**Source data:**
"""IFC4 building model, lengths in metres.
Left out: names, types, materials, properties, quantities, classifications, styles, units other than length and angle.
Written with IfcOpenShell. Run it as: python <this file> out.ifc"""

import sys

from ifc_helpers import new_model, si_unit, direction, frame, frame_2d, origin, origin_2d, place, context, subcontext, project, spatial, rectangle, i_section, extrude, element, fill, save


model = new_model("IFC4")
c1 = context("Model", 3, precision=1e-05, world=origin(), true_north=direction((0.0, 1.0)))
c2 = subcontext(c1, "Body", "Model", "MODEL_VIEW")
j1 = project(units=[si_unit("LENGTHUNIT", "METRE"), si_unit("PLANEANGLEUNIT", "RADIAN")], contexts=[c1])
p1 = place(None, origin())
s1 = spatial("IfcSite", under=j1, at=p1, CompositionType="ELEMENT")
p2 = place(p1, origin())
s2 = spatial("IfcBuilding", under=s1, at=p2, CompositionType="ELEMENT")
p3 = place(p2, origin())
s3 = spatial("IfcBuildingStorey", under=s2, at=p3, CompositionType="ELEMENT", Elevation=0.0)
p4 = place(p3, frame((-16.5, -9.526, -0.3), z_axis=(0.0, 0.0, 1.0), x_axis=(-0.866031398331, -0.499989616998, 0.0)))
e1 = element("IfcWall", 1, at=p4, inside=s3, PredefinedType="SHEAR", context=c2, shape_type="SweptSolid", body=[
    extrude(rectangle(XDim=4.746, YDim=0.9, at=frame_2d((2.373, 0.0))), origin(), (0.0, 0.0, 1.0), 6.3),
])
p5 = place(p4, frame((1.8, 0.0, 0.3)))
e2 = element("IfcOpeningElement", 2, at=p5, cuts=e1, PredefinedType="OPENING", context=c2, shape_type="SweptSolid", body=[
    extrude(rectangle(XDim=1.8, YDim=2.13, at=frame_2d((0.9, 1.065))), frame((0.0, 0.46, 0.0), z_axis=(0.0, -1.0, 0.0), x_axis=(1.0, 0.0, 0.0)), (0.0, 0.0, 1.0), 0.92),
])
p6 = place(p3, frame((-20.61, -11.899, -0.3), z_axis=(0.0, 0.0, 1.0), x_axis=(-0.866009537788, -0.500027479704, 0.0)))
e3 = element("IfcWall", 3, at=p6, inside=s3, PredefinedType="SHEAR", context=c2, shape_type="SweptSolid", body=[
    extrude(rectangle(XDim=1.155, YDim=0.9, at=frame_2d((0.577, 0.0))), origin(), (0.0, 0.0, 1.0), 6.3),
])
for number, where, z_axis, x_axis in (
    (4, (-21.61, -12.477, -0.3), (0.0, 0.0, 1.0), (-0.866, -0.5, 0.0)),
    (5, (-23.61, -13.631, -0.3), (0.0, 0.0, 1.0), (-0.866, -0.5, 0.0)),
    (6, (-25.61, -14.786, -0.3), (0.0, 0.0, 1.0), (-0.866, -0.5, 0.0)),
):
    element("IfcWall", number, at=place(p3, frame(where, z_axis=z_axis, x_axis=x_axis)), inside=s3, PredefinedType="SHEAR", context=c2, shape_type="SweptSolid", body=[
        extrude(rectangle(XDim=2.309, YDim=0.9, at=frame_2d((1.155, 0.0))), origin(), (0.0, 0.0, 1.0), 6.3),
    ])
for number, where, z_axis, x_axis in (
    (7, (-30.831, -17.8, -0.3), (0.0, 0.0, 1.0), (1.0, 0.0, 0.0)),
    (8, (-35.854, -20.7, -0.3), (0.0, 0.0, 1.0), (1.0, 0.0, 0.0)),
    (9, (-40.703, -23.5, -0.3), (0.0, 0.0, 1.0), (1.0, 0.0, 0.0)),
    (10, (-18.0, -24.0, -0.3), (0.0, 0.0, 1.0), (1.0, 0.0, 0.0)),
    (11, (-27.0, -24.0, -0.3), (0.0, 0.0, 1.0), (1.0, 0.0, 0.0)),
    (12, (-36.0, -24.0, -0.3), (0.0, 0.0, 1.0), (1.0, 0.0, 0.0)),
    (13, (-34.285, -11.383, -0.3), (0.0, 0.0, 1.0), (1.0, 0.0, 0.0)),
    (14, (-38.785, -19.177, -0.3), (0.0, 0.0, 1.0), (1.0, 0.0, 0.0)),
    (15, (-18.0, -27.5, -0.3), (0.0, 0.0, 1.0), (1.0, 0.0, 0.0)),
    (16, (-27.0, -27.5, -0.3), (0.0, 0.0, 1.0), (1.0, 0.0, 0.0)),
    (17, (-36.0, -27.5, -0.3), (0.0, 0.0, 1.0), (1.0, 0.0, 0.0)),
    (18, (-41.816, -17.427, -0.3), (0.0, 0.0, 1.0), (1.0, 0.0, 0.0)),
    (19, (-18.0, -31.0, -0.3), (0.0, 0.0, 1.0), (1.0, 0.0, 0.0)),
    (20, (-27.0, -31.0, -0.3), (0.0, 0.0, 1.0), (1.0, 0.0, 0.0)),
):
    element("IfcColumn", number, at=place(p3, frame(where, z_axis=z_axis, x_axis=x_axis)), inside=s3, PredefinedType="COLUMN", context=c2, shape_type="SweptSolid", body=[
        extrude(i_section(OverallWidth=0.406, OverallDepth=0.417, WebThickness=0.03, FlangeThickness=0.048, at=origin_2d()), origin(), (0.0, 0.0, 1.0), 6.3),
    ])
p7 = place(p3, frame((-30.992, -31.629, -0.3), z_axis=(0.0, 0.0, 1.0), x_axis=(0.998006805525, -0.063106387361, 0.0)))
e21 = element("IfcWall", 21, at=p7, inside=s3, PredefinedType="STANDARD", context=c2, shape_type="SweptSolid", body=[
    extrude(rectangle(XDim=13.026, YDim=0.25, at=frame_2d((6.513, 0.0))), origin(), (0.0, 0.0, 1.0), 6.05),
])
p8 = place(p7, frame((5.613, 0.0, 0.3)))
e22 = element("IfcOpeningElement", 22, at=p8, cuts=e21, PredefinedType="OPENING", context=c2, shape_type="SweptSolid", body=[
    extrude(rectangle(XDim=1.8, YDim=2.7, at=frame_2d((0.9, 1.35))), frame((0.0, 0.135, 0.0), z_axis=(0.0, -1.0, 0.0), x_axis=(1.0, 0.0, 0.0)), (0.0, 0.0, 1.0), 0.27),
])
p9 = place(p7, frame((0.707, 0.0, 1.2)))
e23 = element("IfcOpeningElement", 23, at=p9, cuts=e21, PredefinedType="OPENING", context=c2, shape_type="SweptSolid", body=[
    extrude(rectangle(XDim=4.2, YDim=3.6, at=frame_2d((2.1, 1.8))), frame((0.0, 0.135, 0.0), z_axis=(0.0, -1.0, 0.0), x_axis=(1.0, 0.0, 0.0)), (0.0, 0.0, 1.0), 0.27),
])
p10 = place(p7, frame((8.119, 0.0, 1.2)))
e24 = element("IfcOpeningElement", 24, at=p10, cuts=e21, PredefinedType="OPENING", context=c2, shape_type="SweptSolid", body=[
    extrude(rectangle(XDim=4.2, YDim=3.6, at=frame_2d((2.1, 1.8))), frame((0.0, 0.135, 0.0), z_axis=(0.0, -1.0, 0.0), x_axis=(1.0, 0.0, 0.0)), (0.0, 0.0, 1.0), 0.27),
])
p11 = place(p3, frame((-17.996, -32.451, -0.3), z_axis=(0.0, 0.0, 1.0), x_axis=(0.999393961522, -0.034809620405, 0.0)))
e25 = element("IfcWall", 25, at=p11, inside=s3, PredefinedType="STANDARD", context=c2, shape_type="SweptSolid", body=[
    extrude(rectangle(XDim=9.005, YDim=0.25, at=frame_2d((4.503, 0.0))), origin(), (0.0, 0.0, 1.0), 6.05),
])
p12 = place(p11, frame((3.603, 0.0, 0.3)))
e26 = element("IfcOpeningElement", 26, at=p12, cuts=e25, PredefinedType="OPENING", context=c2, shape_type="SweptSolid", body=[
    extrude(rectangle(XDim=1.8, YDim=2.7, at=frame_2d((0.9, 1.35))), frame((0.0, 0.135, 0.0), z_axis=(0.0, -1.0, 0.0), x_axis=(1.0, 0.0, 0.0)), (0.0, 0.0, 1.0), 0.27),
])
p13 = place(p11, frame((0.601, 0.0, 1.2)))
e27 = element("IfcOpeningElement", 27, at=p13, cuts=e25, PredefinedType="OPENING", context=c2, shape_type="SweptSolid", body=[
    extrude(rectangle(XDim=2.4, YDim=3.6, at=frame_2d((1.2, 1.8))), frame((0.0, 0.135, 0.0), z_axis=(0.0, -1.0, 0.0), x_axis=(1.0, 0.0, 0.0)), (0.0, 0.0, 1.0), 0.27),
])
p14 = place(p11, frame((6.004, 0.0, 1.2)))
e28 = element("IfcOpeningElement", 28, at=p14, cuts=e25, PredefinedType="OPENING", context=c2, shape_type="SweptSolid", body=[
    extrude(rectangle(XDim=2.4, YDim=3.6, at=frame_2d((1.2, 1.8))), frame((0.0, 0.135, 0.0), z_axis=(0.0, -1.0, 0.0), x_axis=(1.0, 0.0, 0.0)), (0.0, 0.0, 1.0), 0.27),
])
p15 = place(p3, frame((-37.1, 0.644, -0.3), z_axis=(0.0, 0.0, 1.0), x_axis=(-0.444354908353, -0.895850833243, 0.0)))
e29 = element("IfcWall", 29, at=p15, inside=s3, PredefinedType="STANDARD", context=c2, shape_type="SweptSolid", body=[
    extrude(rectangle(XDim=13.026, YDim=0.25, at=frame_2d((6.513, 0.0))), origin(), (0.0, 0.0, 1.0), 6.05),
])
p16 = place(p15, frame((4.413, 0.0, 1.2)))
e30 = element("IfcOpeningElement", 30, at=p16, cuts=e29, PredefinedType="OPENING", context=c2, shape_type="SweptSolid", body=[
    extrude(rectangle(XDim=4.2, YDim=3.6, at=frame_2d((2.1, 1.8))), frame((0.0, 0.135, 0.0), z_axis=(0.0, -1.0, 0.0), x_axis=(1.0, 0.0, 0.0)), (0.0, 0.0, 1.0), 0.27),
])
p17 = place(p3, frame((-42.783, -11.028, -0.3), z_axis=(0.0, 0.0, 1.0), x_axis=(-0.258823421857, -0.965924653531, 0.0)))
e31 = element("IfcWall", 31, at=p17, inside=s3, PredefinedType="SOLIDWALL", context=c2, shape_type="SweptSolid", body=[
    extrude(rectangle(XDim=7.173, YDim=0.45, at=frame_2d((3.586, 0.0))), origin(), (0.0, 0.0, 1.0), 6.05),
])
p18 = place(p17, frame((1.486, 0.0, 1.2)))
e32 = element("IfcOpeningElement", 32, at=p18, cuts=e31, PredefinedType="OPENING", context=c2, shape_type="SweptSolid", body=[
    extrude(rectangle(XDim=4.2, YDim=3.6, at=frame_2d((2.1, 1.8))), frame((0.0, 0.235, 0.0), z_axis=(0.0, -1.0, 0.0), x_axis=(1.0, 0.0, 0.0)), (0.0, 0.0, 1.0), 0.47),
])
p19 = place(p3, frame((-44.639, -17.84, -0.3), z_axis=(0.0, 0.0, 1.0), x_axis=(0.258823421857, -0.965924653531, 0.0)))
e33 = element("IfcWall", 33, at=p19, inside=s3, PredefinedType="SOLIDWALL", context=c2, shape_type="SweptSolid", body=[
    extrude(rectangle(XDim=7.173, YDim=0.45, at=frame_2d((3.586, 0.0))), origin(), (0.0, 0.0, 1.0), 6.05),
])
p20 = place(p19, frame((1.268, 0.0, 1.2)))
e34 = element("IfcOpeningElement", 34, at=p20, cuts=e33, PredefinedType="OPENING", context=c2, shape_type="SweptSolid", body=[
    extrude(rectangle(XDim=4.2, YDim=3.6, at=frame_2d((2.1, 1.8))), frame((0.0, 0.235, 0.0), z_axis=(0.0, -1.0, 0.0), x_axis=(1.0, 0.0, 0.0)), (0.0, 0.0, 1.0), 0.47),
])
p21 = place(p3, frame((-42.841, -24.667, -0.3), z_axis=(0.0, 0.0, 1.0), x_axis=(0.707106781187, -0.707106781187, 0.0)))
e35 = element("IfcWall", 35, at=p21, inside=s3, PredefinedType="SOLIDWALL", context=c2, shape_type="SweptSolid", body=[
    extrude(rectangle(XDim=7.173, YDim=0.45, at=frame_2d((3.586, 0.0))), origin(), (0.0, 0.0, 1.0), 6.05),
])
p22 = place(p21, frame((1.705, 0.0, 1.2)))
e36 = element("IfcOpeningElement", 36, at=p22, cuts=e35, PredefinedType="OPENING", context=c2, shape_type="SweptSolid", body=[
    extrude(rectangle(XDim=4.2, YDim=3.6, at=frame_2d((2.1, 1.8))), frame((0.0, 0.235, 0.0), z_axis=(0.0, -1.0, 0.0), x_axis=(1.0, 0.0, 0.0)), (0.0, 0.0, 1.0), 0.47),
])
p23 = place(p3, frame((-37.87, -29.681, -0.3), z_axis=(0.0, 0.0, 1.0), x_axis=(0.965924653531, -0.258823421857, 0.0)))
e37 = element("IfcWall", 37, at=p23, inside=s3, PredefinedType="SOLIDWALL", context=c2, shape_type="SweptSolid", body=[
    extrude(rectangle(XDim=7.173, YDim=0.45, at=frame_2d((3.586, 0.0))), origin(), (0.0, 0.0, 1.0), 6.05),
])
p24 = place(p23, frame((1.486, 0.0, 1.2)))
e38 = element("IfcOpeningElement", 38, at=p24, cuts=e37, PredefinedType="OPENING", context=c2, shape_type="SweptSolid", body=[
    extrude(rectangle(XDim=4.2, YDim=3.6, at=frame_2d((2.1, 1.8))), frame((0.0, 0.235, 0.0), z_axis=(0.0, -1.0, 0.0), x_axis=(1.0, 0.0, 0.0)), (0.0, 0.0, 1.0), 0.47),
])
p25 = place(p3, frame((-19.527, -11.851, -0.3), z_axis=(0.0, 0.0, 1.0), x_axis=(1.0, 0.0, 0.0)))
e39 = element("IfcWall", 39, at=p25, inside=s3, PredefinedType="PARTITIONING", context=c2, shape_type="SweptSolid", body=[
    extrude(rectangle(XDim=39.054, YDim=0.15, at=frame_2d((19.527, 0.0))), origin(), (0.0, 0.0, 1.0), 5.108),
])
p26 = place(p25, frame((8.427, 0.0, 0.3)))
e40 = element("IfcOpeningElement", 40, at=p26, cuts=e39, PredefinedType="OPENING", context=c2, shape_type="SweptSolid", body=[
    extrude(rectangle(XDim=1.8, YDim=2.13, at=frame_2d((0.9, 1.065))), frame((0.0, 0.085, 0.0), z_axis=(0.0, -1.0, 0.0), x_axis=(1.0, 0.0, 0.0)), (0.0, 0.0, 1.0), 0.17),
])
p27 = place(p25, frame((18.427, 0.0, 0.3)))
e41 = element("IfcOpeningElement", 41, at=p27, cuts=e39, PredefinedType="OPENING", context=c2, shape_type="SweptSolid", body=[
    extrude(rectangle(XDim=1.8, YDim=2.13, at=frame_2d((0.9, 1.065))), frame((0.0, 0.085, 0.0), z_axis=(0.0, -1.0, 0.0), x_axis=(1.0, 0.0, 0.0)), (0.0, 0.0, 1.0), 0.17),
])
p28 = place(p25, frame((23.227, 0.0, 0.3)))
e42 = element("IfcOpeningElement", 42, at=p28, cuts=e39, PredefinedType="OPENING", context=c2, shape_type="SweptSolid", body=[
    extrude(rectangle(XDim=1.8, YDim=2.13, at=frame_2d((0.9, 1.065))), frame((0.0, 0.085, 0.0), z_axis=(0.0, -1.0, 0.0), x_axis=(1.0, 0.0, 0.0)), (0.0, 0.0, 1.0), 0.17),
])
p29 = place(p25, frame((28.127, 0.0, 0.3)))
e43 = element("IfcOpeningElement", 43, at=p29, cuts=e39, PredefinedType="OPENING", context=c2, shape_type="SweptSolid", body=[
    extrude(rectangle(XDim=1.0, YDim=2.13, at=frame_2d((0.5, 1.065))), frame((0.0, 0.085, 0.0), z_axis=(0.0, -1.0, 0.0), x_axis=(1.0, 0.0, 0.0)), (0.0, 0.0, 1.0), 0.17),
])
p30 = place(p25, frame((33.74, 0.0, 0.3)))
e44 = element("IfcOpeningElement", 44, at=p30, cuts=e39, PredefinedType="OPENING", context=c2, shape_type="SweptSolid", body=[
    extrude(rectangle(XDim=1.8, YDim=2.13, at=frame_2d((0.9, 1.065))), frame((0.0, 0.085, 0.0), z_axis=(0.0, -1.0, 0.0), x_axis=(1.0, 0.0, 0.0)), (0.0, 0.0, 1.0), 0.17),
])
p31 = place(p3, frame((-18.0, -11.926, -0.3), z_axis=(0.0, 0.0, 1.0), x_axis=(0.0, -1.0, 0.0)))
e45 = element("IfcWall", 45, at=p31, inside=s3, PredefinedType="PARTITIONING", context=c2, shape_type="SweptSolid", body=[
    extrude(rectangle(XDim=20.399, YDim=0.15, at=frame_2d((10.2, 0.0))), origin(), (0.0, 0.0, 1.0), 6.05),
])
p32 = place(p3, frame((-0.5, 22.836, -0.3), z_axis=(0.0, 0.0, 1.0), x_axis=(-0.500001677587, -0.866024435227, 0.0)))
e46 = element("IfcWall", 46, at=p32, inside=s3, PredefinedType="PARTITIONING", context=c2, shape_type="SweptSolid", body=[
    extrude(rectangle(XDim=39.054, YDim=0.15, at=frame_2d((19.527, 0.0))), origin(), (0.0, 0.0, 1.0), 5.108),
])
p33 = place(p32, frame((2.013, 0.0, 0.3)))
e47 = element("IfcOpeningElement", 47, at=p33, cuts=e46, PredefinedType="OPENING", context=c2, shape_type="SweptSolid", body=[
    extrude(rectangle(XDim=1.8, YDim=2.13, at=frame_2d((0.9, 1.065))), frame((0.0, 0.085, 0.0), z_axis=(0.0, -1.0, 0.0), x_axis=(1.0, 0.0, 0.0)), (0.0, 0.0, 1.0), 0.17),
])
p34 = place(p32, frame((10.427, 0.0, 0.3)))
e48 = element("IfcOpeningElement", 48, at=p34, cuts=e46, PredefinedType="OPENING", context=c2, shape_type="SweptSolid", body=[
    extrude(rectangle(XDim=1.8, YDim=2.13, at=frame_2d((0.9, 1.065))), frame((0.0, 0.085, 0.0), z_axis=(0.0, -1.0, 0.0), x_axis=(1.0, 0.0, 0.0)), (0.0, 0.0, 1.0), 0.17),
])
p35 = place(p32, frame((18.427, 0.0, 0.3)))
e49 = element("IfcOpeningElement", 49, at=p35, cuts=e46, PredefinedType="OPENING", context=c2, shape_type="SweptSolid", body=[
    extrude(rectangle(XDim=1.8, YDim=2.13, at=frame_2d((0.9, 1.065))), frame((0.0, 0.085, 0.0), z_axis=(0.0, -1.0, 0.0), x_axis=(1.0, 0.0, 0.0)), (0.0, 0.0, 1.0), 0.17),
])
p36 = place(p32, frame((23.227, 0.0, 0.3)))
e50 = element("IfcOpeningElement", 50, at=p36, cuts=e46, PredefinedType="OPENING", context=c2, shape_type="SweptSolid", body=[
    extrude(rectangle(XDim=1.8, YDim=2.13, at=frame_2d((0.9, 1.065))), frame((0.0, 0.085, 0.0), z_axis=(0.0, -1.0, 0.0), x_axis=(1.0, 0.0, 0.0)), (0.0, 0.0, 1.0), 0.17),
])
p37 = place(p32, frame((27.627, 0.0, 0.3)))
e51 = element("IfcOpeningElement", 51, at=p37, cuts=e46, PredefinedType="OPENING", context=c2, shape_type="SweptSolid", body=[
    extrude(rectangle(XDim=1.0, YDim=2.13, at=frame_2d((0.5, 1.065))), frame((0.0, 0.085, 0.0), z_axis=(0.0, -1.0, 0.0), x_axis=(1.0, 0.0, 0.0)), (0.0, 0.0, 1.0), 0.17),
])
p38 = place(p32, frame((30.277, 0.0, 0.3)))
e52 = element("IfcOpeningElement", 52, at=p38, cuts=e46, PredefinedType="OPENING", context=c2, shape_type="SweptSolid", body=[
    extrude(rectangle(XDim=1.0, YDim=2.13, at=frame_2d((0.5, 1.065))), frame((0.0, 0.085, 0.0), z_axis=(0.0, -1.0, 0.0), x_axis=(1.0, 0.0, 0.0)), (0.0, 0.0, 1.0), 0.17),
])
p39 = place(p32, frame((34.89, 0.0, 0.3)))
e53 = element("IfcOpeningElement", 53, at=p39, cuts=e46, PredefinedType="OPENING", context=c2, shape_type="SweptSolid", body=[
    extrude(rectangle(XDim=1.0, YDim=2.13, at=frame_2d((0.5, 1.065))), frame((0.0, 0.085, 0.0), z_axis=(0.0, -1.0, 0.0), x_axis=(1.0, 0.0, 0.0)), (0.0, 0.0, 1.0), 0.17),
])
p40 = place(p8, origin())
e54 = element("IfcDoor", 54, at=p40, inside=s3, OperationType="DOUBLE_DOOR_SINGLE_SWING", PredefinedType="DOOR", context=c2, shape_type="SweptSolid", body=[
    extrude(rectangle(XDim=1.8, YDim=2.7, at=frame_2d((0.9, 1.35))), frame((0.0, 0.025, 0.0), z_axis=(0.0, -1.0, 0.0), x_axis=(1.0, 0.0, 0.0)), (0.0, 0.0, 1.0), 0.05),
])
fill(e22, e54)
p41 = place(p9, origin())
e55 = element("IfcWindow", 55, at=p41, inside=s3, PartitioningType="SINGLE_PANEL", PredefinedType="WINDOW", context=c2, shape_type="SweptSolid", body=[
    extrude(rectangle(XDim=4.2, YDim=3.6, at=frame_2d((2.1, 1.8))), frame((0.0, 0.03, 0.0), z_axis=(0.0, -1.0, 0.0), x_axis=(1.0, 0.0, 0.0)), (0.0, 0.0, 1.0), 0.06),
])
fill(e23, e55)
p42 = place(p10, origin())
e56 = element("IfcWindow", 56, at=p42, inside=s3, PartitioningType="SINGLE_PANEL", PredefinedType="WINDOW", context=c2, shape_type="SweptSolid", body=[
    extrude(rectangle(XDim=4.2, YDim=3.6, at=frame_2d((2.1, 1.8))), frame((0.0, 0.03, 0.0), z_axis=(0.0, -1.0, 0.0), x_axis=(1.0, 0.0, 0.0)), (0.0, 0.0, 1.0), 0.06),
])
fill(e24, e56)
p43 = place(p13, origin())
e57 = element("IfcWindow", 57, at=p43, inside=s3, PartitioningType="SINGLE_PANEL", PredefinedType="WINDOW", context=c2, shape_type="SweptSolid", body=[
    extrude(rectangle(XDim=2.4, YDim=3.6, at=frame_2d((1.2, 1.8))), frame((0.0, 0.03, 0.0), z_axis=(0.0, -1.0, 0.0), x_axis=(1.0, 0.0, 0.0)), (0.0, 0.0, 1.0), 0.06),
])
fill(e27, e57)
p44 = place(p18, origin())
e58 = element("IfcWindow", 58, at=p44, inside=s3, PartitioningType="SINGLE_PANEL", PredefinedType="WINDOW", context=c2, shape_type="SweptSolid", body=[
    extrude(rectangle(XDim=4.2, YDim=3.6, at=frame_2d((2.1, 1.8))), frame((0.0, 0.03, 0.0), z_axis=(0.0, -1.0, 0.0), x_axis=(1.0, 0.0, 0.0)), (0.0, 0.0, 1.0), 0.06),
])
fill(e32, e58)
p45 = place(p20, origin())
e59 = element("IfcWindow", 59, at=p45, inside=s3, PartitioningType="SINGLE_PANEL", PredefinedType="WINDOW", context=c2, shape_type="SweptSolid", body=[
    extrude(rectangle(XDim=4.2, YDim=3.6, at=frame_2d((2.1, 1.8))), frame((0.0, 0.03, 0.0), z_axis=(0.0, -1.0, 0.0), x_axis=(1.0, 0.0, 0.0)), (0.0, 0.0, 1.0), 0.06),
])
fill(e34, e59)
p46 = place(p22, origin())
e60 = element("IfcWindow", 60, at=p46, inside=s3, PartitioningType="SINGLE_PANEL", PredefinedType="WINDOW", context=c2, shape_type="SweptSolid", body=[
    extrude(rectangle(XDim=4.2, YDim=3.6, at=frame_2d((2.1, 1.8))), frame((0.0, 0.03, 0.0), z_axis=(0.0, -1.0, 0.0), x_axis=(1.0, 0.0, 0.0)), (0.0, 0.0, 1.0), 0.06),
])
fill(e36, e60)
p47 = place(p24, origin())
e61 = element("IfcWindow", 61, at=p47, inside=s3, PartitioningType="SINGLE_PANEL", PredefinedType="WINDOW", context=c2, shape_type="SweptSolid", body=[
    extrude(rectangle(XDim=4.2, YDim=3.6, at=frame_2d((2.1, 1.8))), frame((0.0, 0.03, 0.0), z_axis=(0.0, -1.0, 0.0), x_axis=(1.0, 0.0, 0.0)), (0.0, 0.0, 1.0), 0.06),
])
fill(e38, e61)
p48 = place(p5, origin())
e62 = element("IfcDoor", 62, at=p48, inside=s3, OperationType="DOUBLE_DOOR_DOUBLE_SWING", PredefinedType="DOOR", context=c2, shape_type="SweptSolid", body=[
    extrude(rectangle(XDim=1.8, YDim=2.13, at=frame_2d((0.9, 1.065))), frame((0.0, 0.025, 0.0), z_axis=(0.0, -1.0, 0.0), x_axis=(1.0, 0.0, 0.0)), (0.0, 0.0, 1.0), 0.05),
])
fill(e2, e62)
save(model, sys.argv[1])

**What to produce:** Only the lines above from the line containing "p40 = place(p8, origin())" through the line containing "fill(e22, e54)" should be retyped, exactly and with both ends included.

**Solution to the exercise:**
p40 = place(p8, origin())
e54 = element("IfcDoor", 54, at=p40, inside=s3, OperationType="DOUBLE_DOOR_SINGLE_SWING", PredefinedType="DOOR", context=c2, shape_type="SweptSolid", body=[
    extrude(rectangle(XDim=1.8, YDim=2.7, at=frame_2d((0.9, 1.35))), frame((0.0, 0.025, 0.0), z_axis=(0.0, -1.0, 0.0), x_axis=(1.0, 0.0, 0.0)), (0.0, 0.0, 1.0), 0.05),
])
fill(e22, e54)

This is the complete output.